:: Aim of the task ::
Looking at the records below, state how many lines include the string "under" and add nothing further.

:: Material for this exercise ::

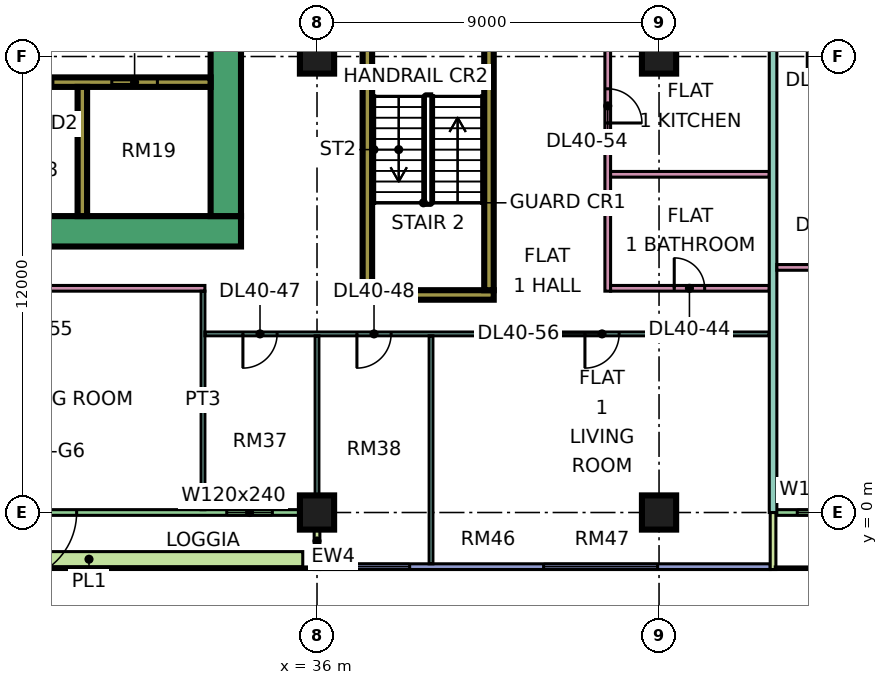
"""IFC4 building model, lengths in metres.
Left out: names, types, materials, properties, quantities, classifications, styles, units other than length and angle.
Written with IfcOpenShell. Run it as: python <this file> out.ifc"""

import sys

from ifc_helpers import new_model, si_unit, direction, frame, frame_2d, origin, origin_2d, place, context, subcontext, project, spatial, rectangle, extrude, element, fill, save


model = new_model("IFC4")
c1 = context("Model", 3, precision=1e-05, world=origin(), true_north=direction((0.0, 1.0)))
c2 = subcontext(c1, "Body", "Model", "MODEL_VIEW")
j1 = project(units=[si_unit("LENGTHUNIT", "METRE"), si_unit("PLANEANGLEUNIT", "RADIAN")], contexts=[c1])
p1 = place(None, origin())
s1 = spatial("IfcSite", under=j1, at=p1, CompositionType="ELEMENT")
p2 = place(p1, origin())
s2 = spatial("IfcBuilding", under=s1, at=p2, CompositionType="ELEMENT")
p3 = place(p2, frame((0.0, 0.0, 176.15)))
s3 = spatial("IfcBuildingStorey", under=s2, at=p3, CompositionType="ELEMENT", Elevation=176.15)
for number, where, z_axis, x_axis in (
    (1, (36.0, 0.0, 0.0), (0.0, 0.0, 1.0), (1.0, 0.0, 0.0)),
    (2, (36.0, 12.0, 0.0), (0.0, 0.0, 1.0), (1.0, 0.0, 0.0)),
    (3, (45.0, 0.0, 0.0), (0.0, 0.0, 1.0), (1.0, 0.0, 0.0)),
    (4, (45.0, 12.0, 0.0), (0.0, 0.0, 1.0), (1.0, 0.0, 0.0)),
):
    element("IfcColumn", number, at=place(p3, frame(where, z_axis=z_axis, x_axis=x_axis)), inside=s3, PredefinedType="COLUMN", context=c2, shape_type="SweptSolid", body=[
        extrude(rectangle(XDim=0.9, YDim=0.9, at=origin_2d()), origin(), (0.0, 0.0, 1.0), 3.75),
    ])
p4 = place(p3, frame((9.0, 7.4, 0.0), z_axis=(0.0, 0.0, 1.0), x_axis=(1.0, 0.0, 0.0)))
e5 = element("IfcWall", 5, at=p4, inside=s3, PredefinedType="SHEAR", context=c2, shape_type="SweptSolid", body=[
    extrude(rectangle(XDim=25.0, YDim=0.8, at=frame_2d((12.5, 0.0))), origin(), (0.0, 0.0, 1.0), 3.75),
])
p5 = place(p3, frame((33.6, 7.8, 0.0), z_axis=(0.0, 0.0, 1.0), x_axis=(0.0, 1.0, 0.0)))
e6 = element("IfcWall", 6, at=p5, inside=s3, PredefinedType="SHEAR", context=c2, shape_type="SweptSolid", body=[
    extrude(rectangle(XDim=11.4, YDim=0.8, at=frame_2d((5.7, 0.0))), origin(), (0.0, 0.0, 1.0), 3.75),
])
p6 = place(p5, frame((5.4, 0.0, 0.0)))
e7 = element("IfcOpeningElement", 7, at=p6, cuts=e6, PredefinedType="OPENING", context=c2, shape_type="SweptSolid", body=[
    extrude(rectangle(XDim=1.8, YDim=2.4, at=frame_2d((0.9, 1.2))), frame((0.0, 0.41, 0.0), z_axis=(0.0, -1.0, 0.0), x_axis=(1.0, 0.0, 0.0)), (0.0, 0.0, 1.0), 0.82),
])
p7 = place(p3, frame((13.45, 11.325, 0.0), z_axis=(0.0, 0.0, 1.0), x_axis=(1.0, 0.0, 0.0)))
e8 = element("IfcWall", 8, at=p7, inside=s3, PredefinedType="SHEAR", context=c2, shape_type="SweptSolid", body=[
    extrude(rectangle(XDim=19.75, YDim=0.25, at=frame_2d((9.875, 0.0))), origin(), (0.0, 0.0, 1.0), 3.75),
])
p8 = place(p7, frame((11.65, 0.0, 0.0)))
e9 = element("IfcOpeningElement", 9, at=p8, cuts=e8, PredefinedType="OPENING", context=c2, shape_type="SweptSolid", body=[
    extrude(rectangle(XDim=1.2, YDim=2.2, at=frame_2d((0.6, 1.1))), frame((0.0, 0.135, 0.0), z_axis=(0.0, -1.0, 0.0), x_axis=(1.0, 0.0, 0.0)), (0.0, 0.0, 1.0), 0.27),
])
p9 = place(p7, frame((14.4, 0.0, 0.0)))
e10 = element("IfcOpeningElement", 10, at=p9, cuts=e8, PredefinedType="OPENING", context=c2, shape_type="SweptSolid", body=[
    extrude(rectangle(XDim=1.2, YDim=2.2, at=frame_2d((0.6, 1.1))), frame((0.0, 0.135, 0.0), z_axis=(0.0, -1.0, 0.0), x_axis=(1.0, 0.0, 0.0)), (0.0, 0.0, 1.0), 0.27),
])
p10 = place(p7, frame((17.15, 0.0, 0.0)))
e11 = element("IfcOpeningElement", 11, at=p10, cuts=e8, PredefinedType="OPENING", context=c2, shape_type="SweptSolid", body=[
    extrude(rectangle(XDim=1.2, YDim=2.2, at=frame_2d((0.6, 1.1))), frame((0.0, 0.135, 0.0), z_axis=(0.0, -1.0, 0.0), x_axis=(1.0, 0.0, 0.0)), (0.0, 0.0, 1.0), 0.27),
])
p11 = place(p7, frame((1.55, 0.0, 0.0)))
e12 = element("IfcOpeningElement", 12, at=p11, cuts=e8, PredefinedType="OPENING", context=c2, shape_type="SweptSolid", body=[
    extrude(rectangle(XDim=0.9, YDim=2.1, at=frame_2d((0.45, 1.05))), frame((0.0, 0.135, 0.0), z_axis=(0.0, -1.0, 0.0), x_axis=(1.0, 0.0, 0.0)), (0.0, 0.0, 1.0), 0.27),
])
p12 = place(p7, frame((5.05, 0.0, 0.0)))
e13 = element("IfcOpeningElement", 13, at=p12, cuts=e8, PredefinedType="OPENING", context=c2, shape_type="SweptSolid", body=[
    extrude(rectangle(XDim=0.9, YDim=2.1, at=frame_2d((0.45, 1.05))), frame((0.0, 0.135, 0.0), z_axis=(0.0, -1.0, 0.0), x_axis=(1.0, 0.0, 0.0)), (0.0, 0.0, 1.0), 0.27),
])
p13 = place(p7, frame((8.425, 0.0, 0.0)))
e14 = element("IfcOpeningElement", 14, at=p13, cuts=e8, PredefinedType="OPENING", context=c2, shape_type="SweptSolid", body=[
    extrude(rectangle(XDim=0.9, YDim=2.1, at=frame_2d((0.45, 1.05))), frame((0.0, 0.135, 0.0), z_axis=(0.0, -1.0, 0.0), x_axis=(1.0, 0.0, 0.0)), (0.0, 0.0, 1.0), 0.27),
])
p14 = place(p3, frame((29.825, 7.8, 0.0), z_axis=(0.0, 0.0, 1.0), x_axis=(0.0, 1.0, 0.0)))
e15 = element("IfcWall", 15, at=p14, inside=s3, PredefinedType="SHEAR", context=c2, shape_type="SweptSolid", body=[
    extrude(rectangle(XDim=3.4, YDim=0.25, at=frame_2d((1.7, 0.0))), origin(), (0.0, 0.0, 1.0), 3.75),
])
p15 = place(p3, frame((37.2, 5.725, 0.0), z_axis=(0.0, 0.0, 1.0), x_axis=(1.0, 0.0, 0.0)))
e16 = element("IfcWall", 16, at=p15, inside=s3, PredefinedType="SHEAR", context=c2, shape_type="SweptSolid", body=[
    extrude(rectangle(XDim=3.45, YDim=0.25, at=frame_2d((1.725, 0.0))), origin(), (0.0, 0.0, 1.0), 3.75),
])
for number, where, z_axis, x_axis in (
    (17, (37.325, 5.85, 0.0), (0.0, 0.0, 1.0), (0.0, 1.0, 0.0)),
    (18, (40.525, 5.85, 0.0), (0.0, 0.0, 1.0), (0.0, 1.0, 0.0)),
):
    element("IfcWall", number, at=place(p3, frame(where, z_axis=z_axis, x_axis=x_axis)), inside=s3, PredefinedType="SHEAR", context=c2, shape_type="SweptSolid", body=[
        extrude(rectangle(XDim=6.5, YDim=0.25, at=frame_2d((3.25, 0.0))), origin(), (0.0, 0.0, 1.0), 3.75),
    ])
p16 = place(p3, frame((24.075, 0.0, 0.0), z_axis=(0.0, 0.0, 1.0), x_axis=(1.0, 0.0, 0.0)))
e19 = element("IfcWall", 19, at=p16, inside=s3, PredefinedType="SOLIDWALL", context=c2, shape_type="SweptSolid", body=[
    extrude(rectangle(XDim=11.85, YDim=0.15, at=frame_2d((5.925, 0.0))), origin(), (0.0, 0.0, 1.0), 3.35),
])
p17 = place(p16, frame((3.8, 0.0, 0.0)))
e20 = element("IfcOpeningElement", 20, at=p17, cuts=e19, PredefinedType="OPENING", context=c2, shape_type="SweptSolid", body=[
    extrude(rectangle(XDim=1.8, YDim=2.4, at=frame_2d((0.9, 1.2))), frame((0.0, 0.085, 0.0), z_axis=(0.0, -1.0, 0.0), x_axis=(1.0, 0.0, 0.0)), (0.0, 0.0, 1.0), 0.17),
])
p18 = place(p16, frame((9.55, 0.0, 0.45)))
e21 = element("IfcOpeningElement", 21, at=p18, cuts=e19, PredefinedType="OPENING", context=c2, shape_type="SweptSolid", body=[
    extrude(rectangle(XDim=1.2, YDim=2.4, at=frame_2d((0.6, 1.2))), frame((0.0, 0.085, 0.0), z_axis=(0.0, -1.0, 0.0), x_axis=(1.0, 0.0, 0.0)), (0.0, 0.0, 1.0), 0.17),
])
p19 = place(p3, frame((36.0, -1.5, 0.0), z_axis=(0.0, 0.0, 1.0), x_axis=(0.0, 1.0, 0.0)))
e22 = element("IfcWall", 22, at=p19, inside=s3, PredefinedType="SOLIDWALL", context=c2, shape_type="SweptSolid", body=[
    extrude(rectangle(XDim=1.5, YDim=0.15, at=frame_2d((0.75, 0.0))), origin(), (0.0, 0.0, 1.0), 3.35),
])
p20 = place(p3, frame((36.075, -1.425, 0.0), z_axis=(0.0, 0.0, 1.0), x_axis=(1.0, 0.0, 0.0)))
e23 = element("IfcWall", 23, at=p20, inside=s3, PredefinedType="SOLIDWALL", context=c2, shape_type="SweptSolid", body=[
    extrude(rectangle(XDim=11.85, YDim=0.15, at=frame_2d((5.925, 0.0))), origin(), (0.0, 0.0, 1.0), 3.35),
])
p21 = place(p20, frame((0.562, 0.0, 0.45)))
e24 = element("IfcOpeningElement", 24, at=p21, cuts=e23, PredefinedType="OPENING", context=c2, shape_type="SweptSolid", body=[
    extrude(rectangle(XDim=1.8, YDim=2.4, at=frame_2d((0.9, 1.2))), frame((0.0, 0.085, 0.0), z_axis=(0.0, -1.0, 0.0), x_axis=(1.0, 0.0, 0.0)), (0.0, 0.0, 1.0), 0.17),
])
p22 = place(p20, frame((5.887, 0.0, 0.45)))
e25 = element("IfcOpeningElement", 25, at=p22, cuts=e23, PredefinedType="OPENING", context=c2, shape_type="SweptSolid", body=[
    extrude(rectangle(XDim=3.0, YDim=2.4, at=frame_2d((1.5, 1.2))), frame((0.0, 0.085, 0.0), z_axis=(0.0, -1.0, 0.0), x_axis=(1.0, 0.0, 0.0)), (0.0, 0.0, 1.0), 0.17),
])
p23 = place(p3, frame((48.075, 0.0, 0.0), z_axis=(0.0, 0.0, 1.0), x_axis=(1.0, 0.0, 0.0)))
e26 = element("IfcWall", 26, at=p23, inside=s3, PredefinedType="SOLIDWALL", context=c2, shape_type="SweptSolid", body=[
    extrude(rectangle(XDim=13.35, YDim=0.15, at=frame_2d((6.675, 0.0))), origin(), (0.0, 0.0, 1.0), 3.35),
])
p24 = place(p23, frame((0.562, 0.0, 0.45)))
e27 = element("IfcOpeningElement", 27, at=p24, cuts=e26, PredefinedType="OPENING", context=c2, shape_type="SweptSolid", body=[
    extrude(rectangle(XDim=1.8, YDim=2.4, at=frame_2d((0.9, 1.2))), frame((0.0, 0.085, 0.0), z_axis=(0.0, -1.0, 0.0), x_axis=(1.0, 0.0, 0.0)), (0.0, 0.0, 1.0), 0.17),
])
p25 = place(p23, frame((3.55, 0.0, 0.0)))
e28 = element("IfcOpeningElement", 28, at=p25, cuts=e26, PredefinedType="OPENING", context=c2, shape_type="SweptSolid", body=[
    extrude(rectangle(XDim=1.2, YDim=2.4, at=frame_2d((0.6, 1.2))), frame((0.0, 0.085, 0.0), z_axis=(0.0, -1.0, 0.0), x_axis=(1.0, 0.0, 0.0)), (0.0, 0.0, 1.0), 0.17),
])
p26 = place(p23, frame((7.1, 0.0, 0.45)))
e29 = element("IfcOpeningElement", 29, at=p26, cuts=e26, PredefinedType="OPENING", context=c2, shape_type="SweptSolid", body=[
    extrude(rectangle(XDim=1.2, YDim=2.4, at=frame_2d((0.6, 1.2))), frame((0.0, 0.085, 0.0), z_axis=(0.0, -1.0, 0.0), x_axis=(1.0, 0.0, 0.0)), (0.0, 0.0, 1.0), 0.17),
])
p27 = place(p23, frame((9.637, 0.0, 0.45)))
e30 = element("IfcOpeningElement", 30, at=p27, cuts=e26, PredefinedType="OPENING", context=c2, shape_type="SweptSolid", body=[
    extrude(rectangle(XDim=3.0, YDim=2.4, at=frame_2d((1.5, 1.2))), frame((0.0, 0.085, 0.0), z_axis=(0.0, -1.0, 0.0), x_axis=(1.0, 0.0, 0.0)), (0.0, 0.0, 1.0), 0.17),
])
p28 = place(p3, frame((48.0, -1.5, 0.0), z_axis=(0.0, 0.0, 1.0), x_axis=(0.0, 1.0, 0.0)))
e31 = element("IfcWall", 31, at=p28, inside=s3, PredefinedType="SOLIDWALL", context=c2, shape_type="SweptSolid", body=[
    extrude(rectangle(XDim=1.5, YDim=0.15, at=frame_2d((0.75, 0.0))), origin(), (0.0, 0.0, 1.0), 3.35),
])
p29 = place(p3, frame((24.375, -1.229, 0.0), z_axis=(0.0, 0.0, 1.0), x_axis=(1.0, 0.0, 0.0)))
e32 = element("IfcWall", 32, at=p29, inside=s3, PredefinedType="SOLIDWALL", context=c2, shape_type="SweptSolid", body=[
    extrude(rectangle(XDim=11.25, YDim=0.4, at=frame_2d((5.625, 0.0))), origin(), (0.0, 0.0, 1.0), 0.7),
])
p30 = place(p3, frame((11.95, 5.9, 0.0), z_axis=(0.0, 0.0, 1.0), x_axis=(1.0, 0.0, 0.0)))
e33 = element("IfcWall", 33, at=p30, inside=s3, PredefinedType="PARTITIONING", context=c2, shape_type="SweptSolid", body=[
    extrude(rectangle(XDim=21.1, YDim=0.15, at=frame_2d((10.55, 0.0))), origin(), (0.0, 0.0, 1.0), 3.35),
])
p31 = place(p30, frame((1.1, 0.0, 0.0)))
e34 = element("IfcOpeningElement", 34, at=p31, cuts=e33, PredefinedType="OPENING", context=c2, shape_type="SweptSolid", body=[
    extrude(rectangle(XDim=0.9, YDim=2.1, at=frame_2d((0.45, 1.05))), frame((0.0, 0.085, 0.0), z_axis=(0.0, -1.0, 0.0), x_axis=(1.0, 0.0, 0.0)), (0.0, 0.0, 1.0), 0.17),
])
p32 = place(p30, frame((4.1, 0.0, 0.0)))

:: Written answer ::
3